Stored data entries
· · · · · · ·

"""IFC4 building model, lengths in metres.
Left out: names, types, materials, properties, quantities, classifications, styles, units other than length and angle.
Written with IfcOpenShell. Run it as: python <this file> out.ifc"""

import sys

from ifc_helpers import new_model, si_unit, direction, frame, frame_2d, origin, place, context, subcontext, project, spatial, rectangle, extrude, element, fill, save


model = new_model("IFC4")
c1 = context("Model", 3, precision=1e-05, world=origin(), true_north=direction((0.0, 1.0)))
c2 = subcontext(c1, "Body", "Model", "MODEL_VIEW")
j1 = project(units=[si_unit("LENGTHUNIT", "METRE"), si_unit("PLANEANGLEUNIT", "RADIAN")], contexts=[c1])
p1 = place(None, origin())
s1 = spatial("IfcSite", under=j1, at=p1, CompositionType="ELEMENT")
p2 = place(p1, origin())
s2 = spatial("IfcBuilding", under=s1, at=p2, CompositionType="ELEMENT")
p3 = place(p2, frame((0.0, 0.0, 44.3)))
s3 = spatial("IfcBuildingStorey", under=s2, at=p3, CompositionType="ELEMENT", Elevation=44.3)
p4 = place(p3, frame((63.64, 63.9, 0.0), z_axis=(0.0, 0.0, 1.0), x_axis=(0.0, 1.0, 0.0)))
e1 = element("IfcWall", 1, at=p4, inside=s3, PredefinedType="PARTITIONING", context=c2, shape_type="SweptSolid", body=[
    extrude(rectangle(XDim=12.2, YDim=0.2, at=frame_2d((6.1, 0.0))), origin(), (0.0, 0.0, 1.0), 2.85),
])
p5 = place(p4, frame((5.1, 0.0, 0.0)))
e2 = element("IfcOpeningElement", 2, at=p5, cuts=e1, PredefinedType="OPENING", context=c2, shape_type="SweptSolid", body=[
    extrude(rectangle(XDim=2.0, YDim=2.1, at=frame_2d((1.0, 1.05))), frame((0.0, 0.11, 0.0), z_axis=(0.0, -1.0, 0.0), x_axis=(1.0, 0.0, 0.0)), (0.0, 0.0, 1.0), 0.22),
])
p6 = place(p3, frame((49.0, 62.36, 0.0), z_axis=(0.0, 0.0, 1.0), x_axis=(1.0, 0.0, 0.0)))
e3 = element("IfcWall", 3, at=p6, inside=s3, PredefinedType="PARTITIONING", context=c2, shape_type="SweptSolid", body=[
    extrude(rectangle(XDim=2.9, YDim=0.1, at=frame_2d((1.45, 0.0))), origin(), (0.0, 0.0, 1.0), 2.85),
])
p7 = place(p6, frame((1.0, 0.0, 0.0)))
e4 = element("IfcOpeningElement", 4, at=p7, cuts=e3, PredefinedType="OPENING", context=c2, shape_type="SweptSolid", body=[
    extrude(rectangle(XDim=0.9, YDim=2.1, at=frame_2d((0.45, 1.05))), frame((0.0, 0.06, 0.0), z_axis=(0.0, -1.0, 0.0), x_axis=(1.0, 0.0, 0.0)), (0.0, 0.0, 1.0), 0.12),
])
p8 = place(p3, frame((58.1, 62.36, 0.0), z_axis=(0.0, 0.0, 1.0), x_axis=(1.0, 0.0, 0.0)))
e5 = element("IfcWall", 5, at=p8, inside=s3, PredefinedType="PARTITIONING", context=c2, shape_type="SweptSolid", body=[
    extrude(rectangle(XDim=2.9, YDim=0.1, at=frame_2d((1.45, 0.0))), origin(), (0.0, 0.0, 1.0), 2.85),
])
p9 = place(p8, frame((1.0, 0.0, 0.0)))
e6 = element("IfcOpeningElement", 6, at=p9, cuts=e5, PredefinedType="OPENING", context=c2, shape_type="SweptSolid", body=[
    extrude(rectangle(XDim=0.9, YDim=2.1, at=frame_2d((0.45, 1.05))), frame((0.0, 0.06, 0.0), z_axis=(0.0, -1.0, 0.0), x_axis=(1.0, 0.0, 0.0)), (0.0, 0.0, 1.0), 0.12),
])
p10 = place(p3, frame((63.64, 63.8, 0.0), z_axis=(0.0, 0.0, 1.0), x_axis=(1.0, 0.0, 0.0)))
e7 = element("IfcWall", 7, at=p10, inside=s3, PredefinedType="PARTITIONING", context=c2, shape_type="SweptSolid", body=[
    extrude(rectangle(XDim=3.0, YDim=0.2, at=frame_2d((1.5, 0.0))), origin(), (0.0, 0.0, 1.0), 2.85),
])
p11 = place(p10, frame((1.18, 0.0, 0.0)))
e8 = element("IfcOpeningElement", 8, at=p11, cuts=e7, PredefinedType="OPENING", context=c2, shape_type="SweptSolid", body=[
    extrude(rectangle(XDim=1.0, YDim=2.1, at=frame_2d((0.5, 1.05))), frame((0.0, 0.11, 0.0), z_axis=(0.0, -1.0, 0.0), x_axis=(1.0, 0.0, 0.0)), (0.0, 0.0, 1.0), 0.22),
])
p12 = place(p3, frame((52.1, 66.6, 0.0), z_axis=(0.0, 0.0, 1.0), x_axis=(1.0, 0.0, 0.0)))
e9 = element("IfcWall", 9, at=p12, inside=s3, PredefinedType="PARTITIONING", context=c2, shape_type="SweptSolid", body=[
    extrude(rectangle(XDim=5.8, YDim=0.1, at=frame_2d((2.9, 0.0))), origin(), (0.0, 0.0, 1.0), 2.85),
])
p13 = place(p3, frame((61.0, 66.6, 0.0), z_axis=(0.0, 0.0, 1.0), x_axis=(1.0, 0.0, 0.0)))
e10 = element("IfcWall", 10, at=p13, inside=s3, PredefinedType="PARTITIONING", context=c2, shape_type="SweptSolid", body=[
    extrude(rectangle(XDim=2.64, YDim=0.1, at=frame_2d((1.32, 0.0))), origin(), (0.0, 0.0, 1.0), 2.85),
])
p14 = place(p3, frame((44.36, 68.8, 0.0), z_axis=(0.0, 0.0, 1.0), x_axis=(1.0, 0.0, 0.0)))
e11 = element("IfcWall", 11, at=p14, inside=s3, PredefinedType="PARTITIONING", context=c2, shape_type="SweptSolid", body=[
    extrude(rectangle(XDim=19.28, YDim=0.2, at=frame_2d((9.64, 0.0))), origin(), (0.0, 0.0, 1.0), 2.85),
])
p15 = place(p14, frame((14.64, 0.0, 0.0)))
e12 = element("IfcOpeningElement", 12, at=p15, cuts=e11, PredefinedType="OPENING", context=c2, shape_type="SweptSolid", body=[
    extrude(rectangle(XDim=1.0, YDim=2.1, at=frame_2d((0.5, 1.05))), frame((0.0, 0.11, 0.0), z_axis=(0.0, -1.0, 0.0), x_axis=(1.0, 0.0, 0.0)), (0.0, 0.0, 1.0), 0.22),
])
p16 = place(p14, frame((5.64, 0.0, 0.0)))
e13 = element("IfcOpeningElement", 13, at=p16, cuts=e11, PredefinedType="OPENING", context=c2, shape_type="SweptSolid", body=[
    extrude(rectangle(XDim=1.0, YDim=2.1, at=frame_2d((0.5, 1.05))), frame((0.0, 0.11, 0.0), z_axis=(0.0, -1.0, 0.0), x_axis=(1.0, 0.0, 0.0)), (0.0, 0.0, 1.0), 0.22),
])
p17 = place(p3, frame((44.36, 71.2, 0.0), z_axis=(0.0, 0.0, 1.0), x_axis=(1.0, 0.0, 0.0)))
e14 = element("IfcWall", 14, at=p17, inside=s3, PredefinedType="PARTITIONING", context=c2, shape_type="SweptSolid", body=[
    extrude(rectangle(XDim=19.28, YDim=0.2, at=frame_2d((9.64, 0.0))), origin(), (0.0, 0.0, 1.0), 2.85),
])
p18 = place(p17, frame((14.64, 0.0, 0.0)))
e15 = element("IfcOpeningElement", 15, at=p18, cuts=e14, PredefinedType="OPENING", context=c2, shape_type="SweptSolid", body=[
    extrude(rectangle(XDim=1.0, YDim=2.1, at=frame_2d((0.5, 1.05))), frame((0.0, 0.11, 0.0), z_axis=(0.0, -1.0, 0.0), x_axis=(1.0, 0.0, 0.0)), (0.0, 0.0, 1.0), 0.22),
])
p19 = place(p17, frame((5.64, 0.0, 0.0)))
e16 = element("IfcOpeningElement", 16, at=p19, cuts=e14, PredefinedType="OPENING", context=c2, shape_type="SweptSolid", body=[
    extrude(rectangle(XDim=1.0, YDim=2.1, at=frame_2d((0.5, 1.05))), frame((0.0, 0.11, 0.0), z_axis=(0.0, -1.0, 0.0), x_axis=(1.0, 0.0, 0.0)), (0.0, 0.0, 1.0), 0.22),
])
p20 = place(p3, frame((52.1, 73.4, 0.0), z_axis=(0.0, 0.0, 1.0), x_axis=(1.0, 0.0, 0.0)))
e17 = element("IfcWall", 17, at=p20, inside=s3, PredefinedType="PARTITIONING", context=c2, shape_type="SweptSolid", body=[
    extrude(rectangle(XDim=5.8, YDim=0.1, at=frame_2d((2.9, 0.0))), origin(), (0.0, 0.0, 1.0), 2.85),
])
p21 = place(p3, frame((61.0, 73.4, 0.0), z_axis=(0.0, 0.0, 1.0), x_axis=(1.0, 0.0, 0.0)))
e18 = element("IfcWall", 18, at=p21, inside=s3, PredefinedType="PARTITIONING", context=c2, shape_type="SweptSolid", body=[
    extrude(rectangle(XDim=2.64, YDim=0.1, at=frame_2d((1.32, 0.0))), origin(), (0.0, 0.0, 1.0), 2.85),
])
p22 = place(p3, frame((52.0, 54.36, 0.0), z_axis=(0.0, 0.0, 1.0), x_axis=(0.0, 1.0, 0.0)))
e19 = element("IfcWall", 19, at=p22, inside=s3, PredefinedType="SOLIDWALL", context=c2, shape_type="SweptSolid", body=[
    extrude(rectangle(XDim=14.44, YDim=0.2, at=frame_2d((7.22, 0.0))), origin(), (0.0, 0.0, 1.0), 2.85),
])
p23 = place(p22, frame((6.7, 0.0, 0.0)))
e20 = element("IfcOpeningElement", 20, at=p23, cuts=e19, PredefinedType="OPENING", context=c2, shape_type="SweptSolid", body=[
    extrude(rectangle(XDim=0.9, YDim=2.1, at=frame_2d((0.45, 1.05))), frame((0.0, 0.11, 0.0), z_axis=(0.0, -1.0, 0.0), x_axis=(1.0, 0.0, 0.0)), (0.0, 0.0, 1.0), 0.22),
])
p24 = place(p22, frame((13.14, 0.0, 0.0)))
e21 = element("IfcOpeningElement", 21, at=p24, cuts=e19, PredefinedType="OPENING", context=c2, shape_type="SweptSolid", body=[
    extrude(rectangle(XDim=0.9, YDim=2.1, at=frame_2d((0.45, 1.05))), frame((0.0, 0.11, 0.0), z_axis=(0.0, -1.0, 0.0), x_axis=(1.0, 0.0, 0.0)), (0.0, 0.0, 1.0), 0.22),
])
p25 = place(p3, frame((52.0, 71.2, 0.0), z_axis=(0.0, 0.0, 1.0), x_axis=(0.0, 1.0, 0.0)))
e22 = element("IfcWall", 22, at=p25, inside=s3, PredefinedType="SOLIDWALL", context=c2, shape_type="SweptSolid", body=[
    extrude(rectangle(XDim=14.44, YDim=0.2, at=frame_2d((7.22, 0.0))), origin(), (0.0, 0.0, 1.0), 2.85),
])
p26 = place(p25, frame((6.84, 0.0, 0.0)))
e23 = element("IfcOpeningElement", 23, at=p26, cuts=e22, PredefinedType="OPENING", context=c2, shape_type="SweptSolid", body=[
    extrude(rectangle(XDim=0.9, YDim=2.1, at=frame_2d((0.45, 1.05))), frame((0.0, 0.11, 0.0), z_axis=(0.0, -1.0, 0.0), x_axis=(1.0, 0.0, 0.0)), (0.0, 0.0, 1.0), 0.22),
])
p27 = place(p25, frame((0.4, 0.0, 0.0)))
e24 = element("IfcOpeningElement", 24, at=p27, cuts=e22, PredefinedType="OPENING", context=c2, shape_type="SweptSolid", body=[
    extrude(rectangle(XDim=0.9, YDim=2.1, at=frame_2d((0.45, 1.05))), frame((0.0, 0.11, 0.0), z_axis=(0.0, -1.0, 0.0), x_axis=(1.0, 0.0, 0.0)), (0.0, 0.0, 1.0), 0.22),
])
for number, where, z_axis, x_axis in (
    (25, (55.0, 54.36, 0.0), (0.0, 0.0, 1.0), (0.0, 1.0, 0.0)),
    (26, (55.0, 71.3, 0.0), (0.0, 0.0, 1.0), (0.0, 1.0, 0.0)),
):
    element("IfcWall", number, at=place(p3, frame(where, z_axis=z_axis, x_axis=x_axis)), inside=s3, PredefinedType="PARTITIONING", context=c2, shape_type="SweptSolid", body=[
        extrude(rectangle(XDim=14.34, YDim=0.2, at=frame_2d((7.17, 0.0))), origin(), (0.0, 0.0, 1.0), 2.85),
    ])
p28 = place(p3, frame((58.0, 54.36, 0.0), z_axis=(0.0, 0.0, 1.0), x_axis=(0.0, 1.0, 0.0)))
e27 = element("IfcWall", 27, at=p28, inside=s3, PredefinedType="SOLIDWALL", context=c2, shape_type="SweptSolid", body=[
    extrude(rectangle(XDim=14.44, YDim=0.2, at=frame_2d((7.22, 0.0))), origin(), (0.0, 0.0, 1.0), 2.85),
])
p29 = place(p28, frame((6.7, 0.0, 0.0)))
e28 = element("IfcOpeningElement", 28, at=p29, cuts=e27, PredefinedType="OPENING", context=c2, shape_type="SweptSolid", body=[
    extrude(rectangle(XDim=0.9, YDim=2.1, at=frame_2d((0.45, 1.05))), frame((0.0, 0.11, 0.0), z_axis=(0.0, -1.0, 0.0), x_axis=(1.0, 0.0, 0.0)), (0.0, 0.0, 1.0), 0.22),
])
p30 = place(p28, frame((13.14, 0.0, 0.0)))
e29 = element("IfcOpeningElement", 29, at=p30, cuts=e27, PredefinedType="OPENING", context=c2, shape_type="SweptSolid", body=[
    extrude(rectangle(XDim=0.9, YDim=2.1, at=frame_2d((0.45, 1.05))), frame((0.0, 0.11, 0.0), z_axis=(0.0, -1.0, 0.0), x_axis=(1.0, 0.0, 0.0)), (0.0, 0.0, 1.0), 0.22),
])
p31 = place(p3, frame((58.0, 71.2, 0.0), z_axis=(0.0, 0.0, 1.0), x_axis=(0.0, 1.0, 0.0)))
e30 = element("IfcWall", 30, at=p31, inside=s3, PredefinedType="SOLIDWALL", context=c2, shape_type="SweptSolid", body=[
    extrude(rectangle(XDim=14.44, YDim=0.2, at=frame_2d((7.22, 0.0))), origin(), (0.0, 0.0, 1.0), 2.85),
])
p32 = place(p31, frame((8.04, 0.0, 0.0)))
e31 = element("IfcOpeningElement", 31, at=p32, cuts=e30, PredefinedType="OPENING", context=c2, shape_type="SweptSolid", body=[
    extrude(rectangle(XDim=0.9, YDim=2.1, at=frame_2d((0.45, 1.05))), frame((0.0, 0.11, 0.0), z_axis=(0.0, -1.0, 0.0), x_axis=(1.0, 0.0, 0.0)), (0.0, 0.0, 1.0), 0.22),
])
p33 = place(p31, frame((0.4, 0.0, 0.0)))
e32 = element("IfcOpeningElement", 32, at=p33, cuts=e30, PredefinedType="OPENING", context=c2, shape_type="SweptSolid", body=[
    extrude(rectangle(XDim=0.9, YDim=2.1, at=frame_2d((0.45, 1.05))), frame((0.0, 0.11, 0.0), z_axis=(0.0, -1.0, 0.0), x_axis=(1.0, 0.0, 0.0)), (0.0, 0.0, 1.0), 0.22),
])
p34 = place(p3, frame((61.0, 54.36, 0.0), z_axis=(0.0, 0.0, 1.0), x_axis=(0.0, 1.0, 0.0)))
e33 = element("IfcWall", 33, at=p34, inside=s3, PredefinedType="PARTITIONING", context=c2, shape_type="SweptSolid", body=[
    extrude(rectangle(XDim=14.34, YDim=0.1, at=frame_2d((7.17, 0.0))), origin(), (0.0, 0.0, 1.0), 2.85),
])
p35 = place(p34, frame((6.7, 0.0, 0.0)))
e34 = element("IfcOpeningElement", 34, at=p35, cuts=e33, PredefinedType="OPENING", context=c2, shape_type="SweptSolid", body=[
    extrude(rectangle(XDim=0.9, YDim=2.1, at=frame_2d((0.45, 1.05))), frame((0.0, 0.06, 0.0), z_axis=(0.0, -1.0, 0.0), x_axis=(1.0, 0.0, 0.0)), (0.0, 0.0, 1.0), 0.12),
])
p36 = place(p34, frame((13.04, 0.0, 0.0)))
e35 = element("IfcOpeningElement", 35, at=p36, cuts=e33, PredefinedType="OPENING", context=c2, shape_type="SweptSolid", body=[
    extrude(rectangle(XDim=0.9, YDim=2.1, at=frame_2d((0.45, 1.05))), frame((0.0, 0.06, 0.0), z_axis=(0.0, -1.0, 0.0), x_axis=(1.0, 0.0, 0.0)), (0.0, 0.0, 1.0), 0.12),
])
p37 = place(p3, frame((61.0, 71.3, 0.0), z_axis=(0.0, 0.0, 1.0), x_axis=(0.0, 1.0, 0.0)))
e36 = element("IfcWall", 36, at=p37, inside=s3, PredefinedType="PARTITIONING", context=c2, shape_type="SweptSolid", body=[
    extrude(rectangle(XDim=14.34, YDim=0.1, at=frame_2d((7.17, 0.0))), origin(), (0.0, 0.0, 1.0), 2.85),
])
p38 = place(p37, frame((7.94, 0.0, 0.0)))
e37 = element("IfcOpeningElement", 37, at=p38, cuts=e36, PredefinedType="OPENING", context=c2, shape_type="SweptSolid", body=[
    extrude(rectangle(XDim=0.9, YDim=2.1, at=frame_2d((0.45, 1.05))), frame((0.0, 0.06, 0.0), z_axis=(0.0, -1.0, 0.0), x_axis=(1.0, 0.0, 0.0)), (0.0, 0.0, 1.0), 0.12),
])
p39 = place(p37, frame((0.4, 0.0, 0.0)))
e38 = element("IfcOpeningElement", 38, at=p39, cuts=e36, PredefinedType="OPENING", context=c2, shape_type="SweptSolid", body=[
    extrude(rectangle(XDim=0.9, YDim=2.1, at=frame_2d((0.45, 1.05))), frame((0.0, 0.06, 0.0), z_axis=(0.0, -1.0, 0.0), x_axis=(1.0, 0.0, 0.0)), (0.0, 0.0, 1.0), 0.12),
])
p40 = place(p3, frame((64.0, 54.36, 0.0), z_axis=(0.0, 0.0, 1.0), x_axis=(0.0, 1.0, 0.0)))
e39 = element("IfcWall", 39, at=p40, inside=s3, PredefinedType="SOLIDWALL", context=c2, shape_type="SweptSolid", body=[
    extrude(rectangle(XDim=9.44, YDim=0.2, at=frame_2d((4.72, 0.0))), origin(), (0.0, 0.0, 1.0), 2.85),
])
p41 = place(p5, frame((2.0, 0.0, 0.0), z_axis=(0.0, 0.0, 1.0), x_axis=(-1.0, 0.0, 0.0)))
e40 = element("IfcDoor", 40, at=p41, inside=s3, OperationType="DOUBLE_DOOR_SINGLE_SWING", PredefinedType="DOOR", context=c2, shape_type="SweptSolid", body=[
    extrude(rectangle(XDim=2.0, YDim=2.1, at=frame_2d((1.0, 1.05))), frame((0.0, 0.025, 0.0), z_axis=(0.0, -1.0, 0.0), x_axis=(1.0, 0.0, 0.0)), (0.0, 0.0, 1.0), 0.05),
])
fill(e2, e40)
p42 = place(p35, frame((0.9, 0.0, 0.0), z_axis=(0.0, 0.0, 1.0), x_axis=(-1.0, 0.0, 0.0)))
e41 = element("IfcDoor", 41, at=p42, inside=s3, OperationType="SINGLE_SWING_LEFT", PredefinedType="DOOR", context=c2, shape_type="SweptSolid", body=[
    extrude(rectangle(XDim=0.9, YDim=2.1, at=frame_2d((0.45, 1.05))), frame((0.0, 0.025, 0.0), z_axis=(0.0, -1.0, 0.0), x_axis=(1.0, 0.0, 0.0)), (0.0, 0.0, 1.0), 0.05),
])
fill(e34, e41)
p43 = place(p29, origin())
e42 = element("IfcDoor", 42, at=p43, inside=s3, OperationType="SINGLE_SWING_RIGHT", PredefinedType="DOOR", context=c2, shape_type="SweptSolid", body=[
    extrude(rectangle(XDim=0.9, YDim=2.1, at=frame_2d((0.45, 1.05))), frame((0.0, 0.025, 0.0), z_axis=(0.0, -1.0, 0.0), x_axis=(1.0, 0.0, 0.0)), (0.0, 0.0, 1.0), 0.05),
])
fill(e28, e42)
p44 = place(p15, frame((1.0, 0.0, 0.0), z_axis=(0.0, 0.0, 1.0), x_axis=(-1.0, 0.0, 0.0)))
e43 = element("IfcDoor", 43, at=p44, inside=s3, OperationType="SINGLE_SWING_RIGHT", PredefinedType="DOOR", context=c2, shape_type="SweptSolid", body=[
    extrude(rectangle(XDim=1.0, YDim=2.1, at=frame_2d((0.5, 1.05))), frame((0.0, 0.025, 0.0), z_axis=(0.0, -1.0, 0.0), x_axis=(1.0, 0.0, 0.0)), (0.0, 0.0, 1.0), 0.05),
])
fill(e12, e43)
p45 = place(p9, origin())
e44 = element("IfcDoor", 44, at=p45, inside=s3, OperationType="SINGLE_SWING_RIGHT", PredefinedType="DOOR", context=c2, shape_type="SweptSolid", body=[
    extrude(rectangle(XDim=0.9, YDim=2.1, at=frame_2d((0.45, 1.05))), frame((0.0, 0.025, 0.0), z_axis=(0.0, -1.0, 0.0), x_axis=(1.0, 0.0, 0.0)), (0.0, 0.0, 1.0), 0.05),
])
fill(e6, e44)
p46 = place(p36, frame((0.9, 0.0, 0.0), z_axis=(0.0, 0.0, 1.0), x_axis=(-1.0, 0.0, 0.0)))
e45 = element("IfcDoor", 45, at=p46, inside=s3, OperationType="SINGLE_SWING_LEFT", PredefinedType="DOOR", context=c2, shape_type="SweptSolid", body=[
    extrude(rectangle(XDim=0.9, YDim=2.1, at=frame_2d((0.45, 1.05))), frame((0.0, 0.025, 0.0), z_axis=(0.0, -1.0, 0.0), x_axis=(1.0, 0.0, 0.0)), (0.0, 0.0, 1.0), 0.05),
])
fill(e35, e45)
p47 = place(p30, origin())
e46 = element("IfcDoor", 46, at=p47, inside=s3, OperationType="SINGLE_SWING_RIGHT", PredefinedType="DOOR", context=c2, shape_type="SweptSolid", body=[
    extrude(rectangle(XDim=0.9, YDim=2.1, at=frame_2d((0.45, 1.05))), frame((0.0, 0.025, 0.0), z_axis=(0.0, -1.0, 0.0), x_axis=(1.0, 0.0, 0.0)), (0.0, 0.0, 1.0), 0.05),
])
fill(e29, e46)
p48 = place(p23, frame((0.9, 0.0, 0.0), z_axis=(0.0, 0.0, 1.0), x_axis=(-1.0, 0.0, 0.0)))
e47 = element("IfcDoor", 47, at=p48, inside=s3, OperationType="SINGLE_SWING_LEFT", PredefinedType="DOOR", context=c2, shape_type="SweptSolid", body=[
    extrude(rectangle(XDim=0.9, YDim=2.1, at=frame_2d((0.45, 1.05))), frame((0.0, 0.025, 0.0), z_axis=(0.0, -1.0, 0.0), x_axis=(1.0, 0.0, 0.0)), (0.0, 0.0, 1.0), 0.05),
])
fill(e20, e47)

· · · · · · ·

* **INSTRUCTIONS TO FOLLOW**
Copy, please, exactly the lines that start at the first line of the data and end at the line containing "63.9, 0.0), z_axis=(0.0, 0.0, 1.0), x_axis=(0.0, 1.0, 0.0)))", both kept and no others.

* **RESULT BELOW**
"""IFC4 building model, lengths in metres.
Left out: names, types, materials, properties, quantities, classifications, styles, units other than length and angle.
Written with IfcOpenShell. Run it as: python <this file> out.ifc"""

import sys

from ifc_helpers import new_model, si_unit, direction, frame, frame_2d, origin, place, context, subcontext, project, spatial, rectangle, extrude, element, fill, save


model = new_model("IFC4")
c1 = context("Model", 3, precision=1e-05, world=origin(), true_north=direction((0.0, 1.0)))
c2 = subcontext(c1, "Body", "Model", "MODEL_VIEW")
j1 = project(units=[si_unit("LENGTHUNIT", "METRE"), si_unit("PLANEANGLEUNIT", "RADIAN")], contexts=[c1])
p1 = place(None, origin())
s1 = spatial("IfcSite", under=j1, at=p1, CompositionType="ELEMENT")
p2 = place(p1, origin())
s2 = spatial("IfcBuilding", under=s1, at=p2, CompositionType="ELEMENT")
p3 = place(p2, frame((0.0, 0.0, 44.3)))
s3 = spatial("IfcBuildingStorey", under=s2, at=p3, CompositionType="ELEMENT", Elevation=44.3)
p4 = place(p3, frame((63.64, 63.9, 0.0), z_axis=(0.0, 0.0, 1.0), x_axis=(0.0, 1.0, 0.0)))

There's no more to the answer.